* Work to complete: Locate each line of the material that contains "import", then return it.

* Source material:

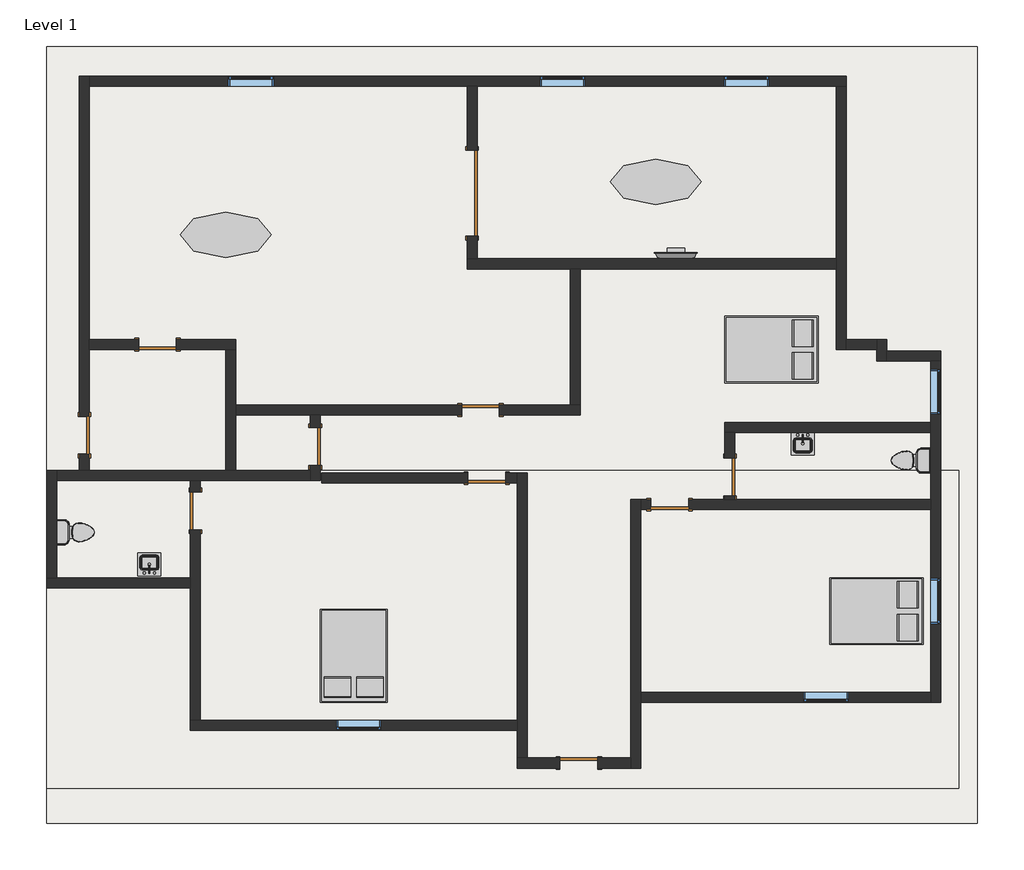
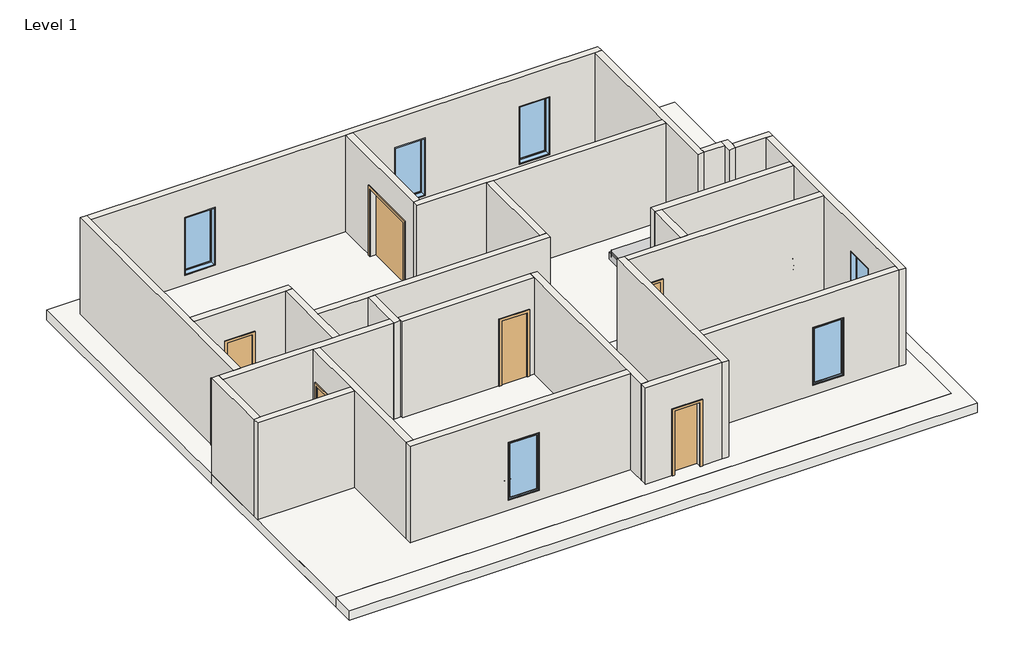
# One storey, incomplete: 27 walls, 10 doors, 7 windows, 6 furniture elements, 4 flow terminals, 3 slabs.
"""IFC4 building model written with IfcOpenShell, lengths in millimetres."""

from ifc_helpers import new_model, si_unit, frame, origin, origin_with_axes, place, context, project, spatial, polyline, outline, extrude, faceted_brep, transform, mapped, element, save
from components import door_f3de6620, door_53b1b562, door_fadea3f2, flow_terminal_871c2e40, toilet_domestic_3d_toilet_domestic_3d_f7549cf7, toilet_domestic_3d_toilet_domestic_3d_183bbd19, furniture_c8abb964, furniture_56245f3a, furniture_027a2ad9, window_9a779fa2, window_750da936

model = new_model("IFC4")

# Units and contexts
model_context = context("Model", 3, world=origin())
ifc_project = project(units=[si_unit("LENGTHUNIT", "METRE", prefix="MILLI")], contexts=[model_context])

# Site, building, storey
site = spatial("IfcSite", under=ifc_project)
building = spatial("IfcBuilding", under=site)
storey = spatial("IfcBuildingStorey", under=building, Name="Level 1", Elevation=0.0)

# Doors
placement = place(None, origin())
door_shape = door_f3de6620(model_context)
element("IfcDoor", 1, ObjectType="Door-Double-Flush_Panel-Double-Acting : 68\" x 84\"", at=placement, inside=storey, context=model_context, shape_type="MappedRepresentation", body=[
    mapped(door_shape, transform((-10205.5126434, 12193.5007235, 0.0), x_axis=(0.0, -1.0, 0.0), y_axis=(1.0, 0.0, 0.0), z_axis=(0.0, 0.0, 1.0))),
])
door_2_shape = door_53b1b562(model_context)
element("IfcDoor", 2, ObjectType="Single-Flush : 30\" x 80\"", at=placement, inside=storey, context=model_context, shape_type="MappedRepresentation", body=[
    mapped(door_2_shape, transform((-16538.7421908, 9145.5007235, 0.0), x_axis=(1.0, 0.0, 0.0), y_axis=(0.0, 1.0, 0.0), z_axis=(0.0, 0.0, 1.0))),
])
element("IfcDoor", 3, ObjectType="Single-Flush : 30\" x 80\"", at=placement, inside=storey, context=model_context, shape_type="MappedRepresentation", body=[
    mapped(door_2_shape, transform((-18011.9421908, 7316.7007235, 0.0), x_axis=(0.0, 1.0, 0.0), y_axis=(-1.0, 0.0, 0.0), z_axis=(0.0, 0.0, 1.0))),
])
element("IfcDoor", 4, ObjectType="Single-Flush : 30\" x 80\"", at=placement, inside=storey, context=model_context, shape_type="MappedRepresentation", body=[
    mapped(door_2_shape, transform((-9909.3421908, 6453.1007235, 0.0), x_axis=(1.0, 0.0, 0.0), y_axis=(0.0, 1.0, 0.0), z_axis=(0.0, 0.0, 1.0))),
])
element("IfcDoor", 5, ObjectType="Single-Flush : 30\" x 80\"", at=placement, inside=storey, context=model_context, shape_type="MappedRepresentation", body=[
    mapped(door_2_shape, transform((-8055.1421908, 712.7007235, 0.0), x_axis=(-1.0, 0.0, 0.0), y_axis=(0.0, -1.0, 0.0), z_axis=(0.0, 0.0, 1.0))),
])
door_3_shape = door_fadea3f2(model_context)
element("IfcDoor", 6, ObjectType="Single-Flush : 30\" x 80\"", at=placement, inside=storey, context=model_context, shape_type="MappedRepresentation", body=[
    mapped(door_3_shape, transform((-15776.7421908, 5792.7007235, 0.0), x_axis=(0.0, 1.0, 0.0), y_axis=(-1.0, 0.0, 0.0), z_axis=(0.0, 0.0, 1.0))),
])
element("IfcDoor", 7, ObjectType="Single-Flush : 30\" x 80\"", at=placement, inside=storey, context=model_context, shape_type="MappedRepresentation", body=[
    mapped(door_3_shape, transform((-13363.7421908, 7088.1007235, 0.0), x_axis=(0.0, -1.0, 0.0), y_axis=(1.0, 0.0, 0.0), z_axis=(0.0, 0.0, 1.0))),
])
element("IfcDoor", 8, ObjectType="Single-Flush : 30\" x 80\"", at=placement, inside=storey, context=model_context, shape_type="MappedRepresentation", body=[
    mapped(door_3_shape, transform((-10036.3421908, 7824.7007235, 0.0), x_axis=(1.0, 0.0, 0.0), y_axis=(0.0, 1.0, 0.0), z_axis=(0.0, 0.0, 1.0))),
])
element("IfcDoor", 9, ObjectType="Single-Flush : 30\" x 80\"", at=placement, inside=storey, context=model_context, shape_type="MappedRepresentation", body=[
    mapped(door_3_shape, transform((-6226.3421908, 5919.7007235, 0.0), x_axis=(-1.0, 0.0, 0.0), y_axis=(0.0, -1.0, 0.0), z_axis=(0.0, 0.0, 1.0))),
])
element("IfcDoor", 10, ObjectType="Single-Flush : 30\" x 80\"", at=placement, inside=storey, context=model_context, shape_type="MappedRepresentation", body=[
    mapped(door_3_shape, transform((-5014.2099629, 6478.5007235, 0.0), x_axis=(0.0, -1.0, 0.0), y_axis=(1.0, 0.0, 0.0), z_axis=(0.0, 0.0, 1.0))),
])

# Flow terminals
flow_terminal_shape = flow_terminal_871c2e40(model_context)
element("IfcFlowTerminal", 11, ObjectType="Sink Kitchen-Island : 18\" x 18\"", at=placement, inside=storey, context=model_context, shape_type="MappedRepresentation", body=[
    mapped(flow_terminal_shape, transform((-16688.1529503, 4715.5461246, 0.0), x_axis=(-1.0000000000000004, 0.0, 0.0), y_axis=(0.0, -1.0000000000000004, 0.0), z_axis=(0.0, 0.0, 1.0))),
])
element("IfcFlowTerminal", 12, ObjectType="Sink Kitchen-Island : 18\" x 18\"", at=placement, inside=storey, context=model_context, shape_type="MappedRepresentation", body=[
    mapped(flow_terminal_shape, transform((-3562.3314314, 7149.2553224, 0.0), x_axis=(1.0, 0.0, 0.0), y_axis=(0.0, 1.0, 0.0), z_axis=(0.0, 0.0, 1.0))),
])
toilet_domestic_3d_toilet_domestic_3d_shape = toilet_domestic_3d_toilet_domestic_3d_f7549cf7(model_context)
toilet_domestic_3d_toilet_domestic_3d_2_shape = toilet_domestic_3d_toilet_domestic_3d_183bbd19(model_context)
element("IfcFlowTerminal", 13, ObjectType="Toilet-Domestic-3D : Toilet-Domestic-3D", at=placement, inside=storey, context=model_context, shape_type="MappedRepresentation", body=[
    mapped(toilet_domestic_3d_toilet_domestic_3d_shape, transform((-18113.5421908, 5360.9007235, 0.0), x_axis=(0.0, 1.0000000000000002, 0.0), y_axis=(-1.0000000000000002, 0.0, 0.0), z_axis=(0.0, 0.0, 1.0))),
    mapped(toilet_domestic_3d_toilet_domestic_3d_2_shape, transform((-18113.5421908, 5360.9007235, 0.0), x_axis=(0.0, 1.0000000000000002, 0.0), y_axis=(-1.0000000000000002, 0.0, 0.0), z_axis=(0.0, 0.0, 1.0))),
])
element("IfcFlowTerminal", 14, ObjectType="Toilet-Domestic-3D : Toilet-Domestic-3D", at=placement, inside=storey, context=model_context, shape_type="MappedRepresentation", body=[
    mapped(toilet_domestic_3d_toilet_domestic_3d_shape, transform((-1463.2382182, 6808.7007235, 0.0), x_axis=(0.0, -1.0000000000000004, 0.0), y_axis=(1.0000000000000004, 0.0, 0.0), z_axis=(0.0, 0.0, 1.0))),
    mapped(toilet_domestic_3d_toilet_domestic_3d_2_shape, transform((-1463.2382182, 6808.7007235, 0.0), x_axis=(0.0, -1.0000000000000004, 0.0), y_axis=(1.0000000000000004, 0.0, 0.0), z_axis=(0.0, 0.0, 1.0))),
])

# Furniture
furniture_shape = furniture_c8abb964(model_context)
element("IfcFurniture", 15, ObjectType="Bed-Box : Double 53\" x 74\"", at=placement, inside=storey, context=model_context, shape_type="MappedRepresentation", body=[
    mapped(furniture_shape, transform((-12249.8897318, 2637.2712153, 0.0), x_axis=(-0.9999999999999999, 0.0, 0.0), y_axis=(0.0, -0.9999999999999999, 0.0), z_axis=(0.0, 0.0, 1.0))),
])
element("IfcFurniture", 16, ObjectType="Bed-Box : Double 53\" x 74\"", at=placement, inside=storey, context=model_context, shape_type="MappedRepresentation", body=[
    mapped(furniture_shape, transform((-1826.3126826, 4112.5531825, 0.0), x_axis=(0.0, -1.0000000000000002, 0.0), y_axis=(1.0000000000000002, 0.0, 0.0), z_axis=(0.0, 0.0, 1.0))),
])
element("IfcFurniture", 17, ObjectType="Bed-Box : Double 53\" x 74\"", at=placement, inside=storey, context=model_context, shape_type="MappedRepresentation", body=[
    mapped(furniture_shape, transform((-3941.5804547, 9383.0531825, 0.0), x_axis=(0.0, -0.9999999999999998, 0.0), y_axis=(0.9999999999999998, 0.0, 0.0), z_axis=(0.0, 0.0, 1.0))),
])
furniture_2_shape = furniture_56245f3a(model_context)
element("IfcFurniture", 18, ObjectType="TV - Flat Screen : 32\"", at=placement, inside=storey, context=model_context, shape_type="MappedRepresentation", body=[
    mapped(furniture_2_shape, transform((-6103.286705, 10931.2393472, 914.4), x_axis=(-0.9999999999999998, 0.0, 0.0), y_axis=(0.0, -0.9999999999999998, 0.0), z_axis=(0.0, 0.0, 1.0))),
])
furniture_3_shape = furniture_027a2ad9(model_context)
element("IfcFurniture", 19, ObjectType="Table-Ellipse : 72\" x 36\"", at=placement, inside=storey, context=model_context, shape_type="MappedRepresentation", body=[
    mapped(furniture_3_shape, transform((-15167.1421908, 11355.3007235, 0.0), x_axis=(1.0, 0.0, 0.0), y_axis=(0.0, 1.0, 0.0), z_axis=(0.0, 0.0, 1.0))),
])
element("IfcFurniture", 20, ObjectType="Table-Ellipse : 72\" x 36\"", at=placement, inside=storey, context=model_context, shape_type="MappedRepresentation", body=[
    mapped(furniture_3_shape, transform((-6505.7421908, 12422.1007235, 0.0), x_axis=(1.0, 0.0, 0.0), y_axis=(0.0, 1.0, 0.0), z_axis=(0.0, 0.0, 1.0))),
])

# Slabs
element("IfcSlab", 21, ObjectType="Generic - 12\"", at=placement, inside=storey, context=model_context, shape_type="SweptSolid", body=[
    extrude(outline(polyline([(-765.3421908, 14555.7007235), (-765.3421908, 6021.3007235), (-18113.5421908, 6021.3007235), (-18113.5421908, 14555.7007235), (-765.3421908, 14555.7007235)])), frame((0.0, 0.0, -304.8), z_axis=(0.0, 0.0, 1.0), x_axis=(1.0, 0.0, 0.0)), (0.0, 0.0, 1.0), 304.8),
])
element("IfcSlab", 22, ObjectType="Generic - 12\"", at=placement, inside=storey, context=model_context, shape_type="SweptSolid", body=[
    extrude(outline(polyline([(-409.7421908, 6605.5007235), (-409.7421908, 204.7007235), (-18773.9421908, 204.7007235), (-18773.9421908, 6605.5007235), (-409.7421908, 6605.5007235)])), frame((0.0, 0.0, -304.8), z_axis=(0.0, 0.0, 1.0), x_axis=(1.0, 0.0, 0.0)), (0.0, 0.0, 1.0), 304.8),
])
element("IfcSlab", 23, ObjectType="Generic - 12\"", at=placement, inside=storey, context=model_context, shape_type="SweptSolid", body=[
    extrude(outline(polyline([(-28.7421908, 15149.4135016), (-28.7421908, -496.9864984), (-18773.9421908, -496.9864984), (-18773.9421908, 15149.4135016), (-28.7421908, 15149.4135016)])), frame((0.0, 0.0, -304.8), z_axis=(0.0, 0.0, 1.0), x_axis=(1.0, 0.0, 0.0)), (0.0, 0.0, 1.0), 304.8),
])

# Walls
element("IfcWall", 24, ObjectType="Generic - 8\"", at=placement, inside=storey, context=model_context, shape_type="Brep", body=[
    faceted_brep([(-17910.3421908, 7697.7007235, 2032.0), (-17910.3421908, 7697.7007235, 0.0), (-17910.3421908, 9043.9007235, 0.0), (-17910.3421908, 9247.1007235, 0.0), (-17910.3421908, 14352.5007235, 0.0), (-17910.3421908, 14555.7007235, 0.0), (-17910.3421908, 14555.7007235, 3048.0), (-17910.3421908, 14352.5007235, 3048.0), (-17910.3421908, 9247.1007235, 3048.0), (-17910.3421908, 9043.9007235, 3048.0), (-17910.3421908, 6605.5007235, 3048.0), (-17910.3421908, 6605.5007235, 0.0), (-17910.3421908, 6935.7007235, 0.0), (-17910.3421908, 6935.7007235, 2032.0), (-18113.5421908, 14555.7007235, 0.0), (-18113.5421908, 7697.7007235, 0.0), (-18113.5421908, 7697.7007235, 2032.0), (-18113.5421908, 6935.7007235, 2032.0), (-18113.5421908, 6935.7007235, 0.0), (-18113.5421908, 6605.5007235, 0.0), (-18113.5421908, 6605.5007235, 3048.0), (-18113.5421908, 14555.7007235, 3048.0)], [[[0, 1, 2, 3, 4, 5, 6, 7, 8, 9, 10, 11, 12, 13]], [[14, 15, 16, 17, 18, 19, 20, 21]], [[12, 11, 19, 18]], [[5, 4, 3, 2, 1, 15, 14]], [[6, 5, 14, 21]], [[11, 10, 20, 19]], [[16, 15, 1, 0]], [[17, 16, 0, 13]], [[18, 17, 13, 12]], [[10, 9, 8, 7, 6, 21, 20]]]),
])
element("IfcWall", 25, ObjectType="Generic - 8\"", at=placement, inside=storey, context=model_context, shape_type="Brep", body=[
    faceted_brep([(-17910.3421908, 14352.5007235, 0.0), (-10307.1126434, 14352.5007235, 0.0), (-10103.9126434, 14352.5007235, 0.0), (-2873.5421908, 14352.5007235, 0.0), (-2670.3421908, 14352.5007235, 0.0), (-2670.3421908, 14352.5007235, 3048.0), (-2873.5421908, 14352.5007235, 3048.0), (-10103.9126434, 14352.5007235, 3048.0), (-10307.1126434, 14352.5007235, 3048.0), (-17910.3421908, 14352.5007235, 3048.0), (-14201.9421908, 14352.5007235, 2133.6), (-14201.9421908, 14352.5007235, 304.8), (-15116.3421908, 14352.5007235, 304.8), (-15116.3421908, 14352.5007235, 2133.6), (-8842.5421908, 14352.5007235, 2133.6), (-7928.1421908, 14352.5007235, 2133.6), (-7928.1421908, 14352.5007235, 304.8), (-8842.5421908, 14352.5007235, 304.8), (-4219.7421908, 14352.5007235, 2133.6), (-4219.7421908, 14352.5007235, 304.8), (-5134.1421908, 14352.5007235, 304.8), (-5134.1421908, 14352.5007235, 2133.6), (-17910.3421908, 14555.7007235, 0.0), (-17910.3421908, 14555.7007235, 3048.0), (-2670.3421908, 14555.7007235, 3048.0), (-2670.3421908, 14555.7007235, 0.0), (-14201.9421908, 14555.7007235, 2133.6), (-15116.3421908, 14555.7007235, 2133.6), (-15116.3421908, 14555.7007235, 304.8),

* Response to the exercise:
from ifc_helpers import new_model, si_unit, frame, origin, origin_with_axes, place, context, project, spatial, polyline, outline, extrude, faceted_brep, transform, mapped, element, save
from components import door_f3de6620, door_53b1b562, door_fadea3f2, flow_terminal_871c2e40, toilet_domestic_3d_toilet_domestic_3d_f7549cf7, toilet_domestic_3d_toilet_domestic_3d_183bbd19, furniture_c8abb964, furniture_56245f3a, furniture_027a2ad9, window_9a779fa2, window_750da936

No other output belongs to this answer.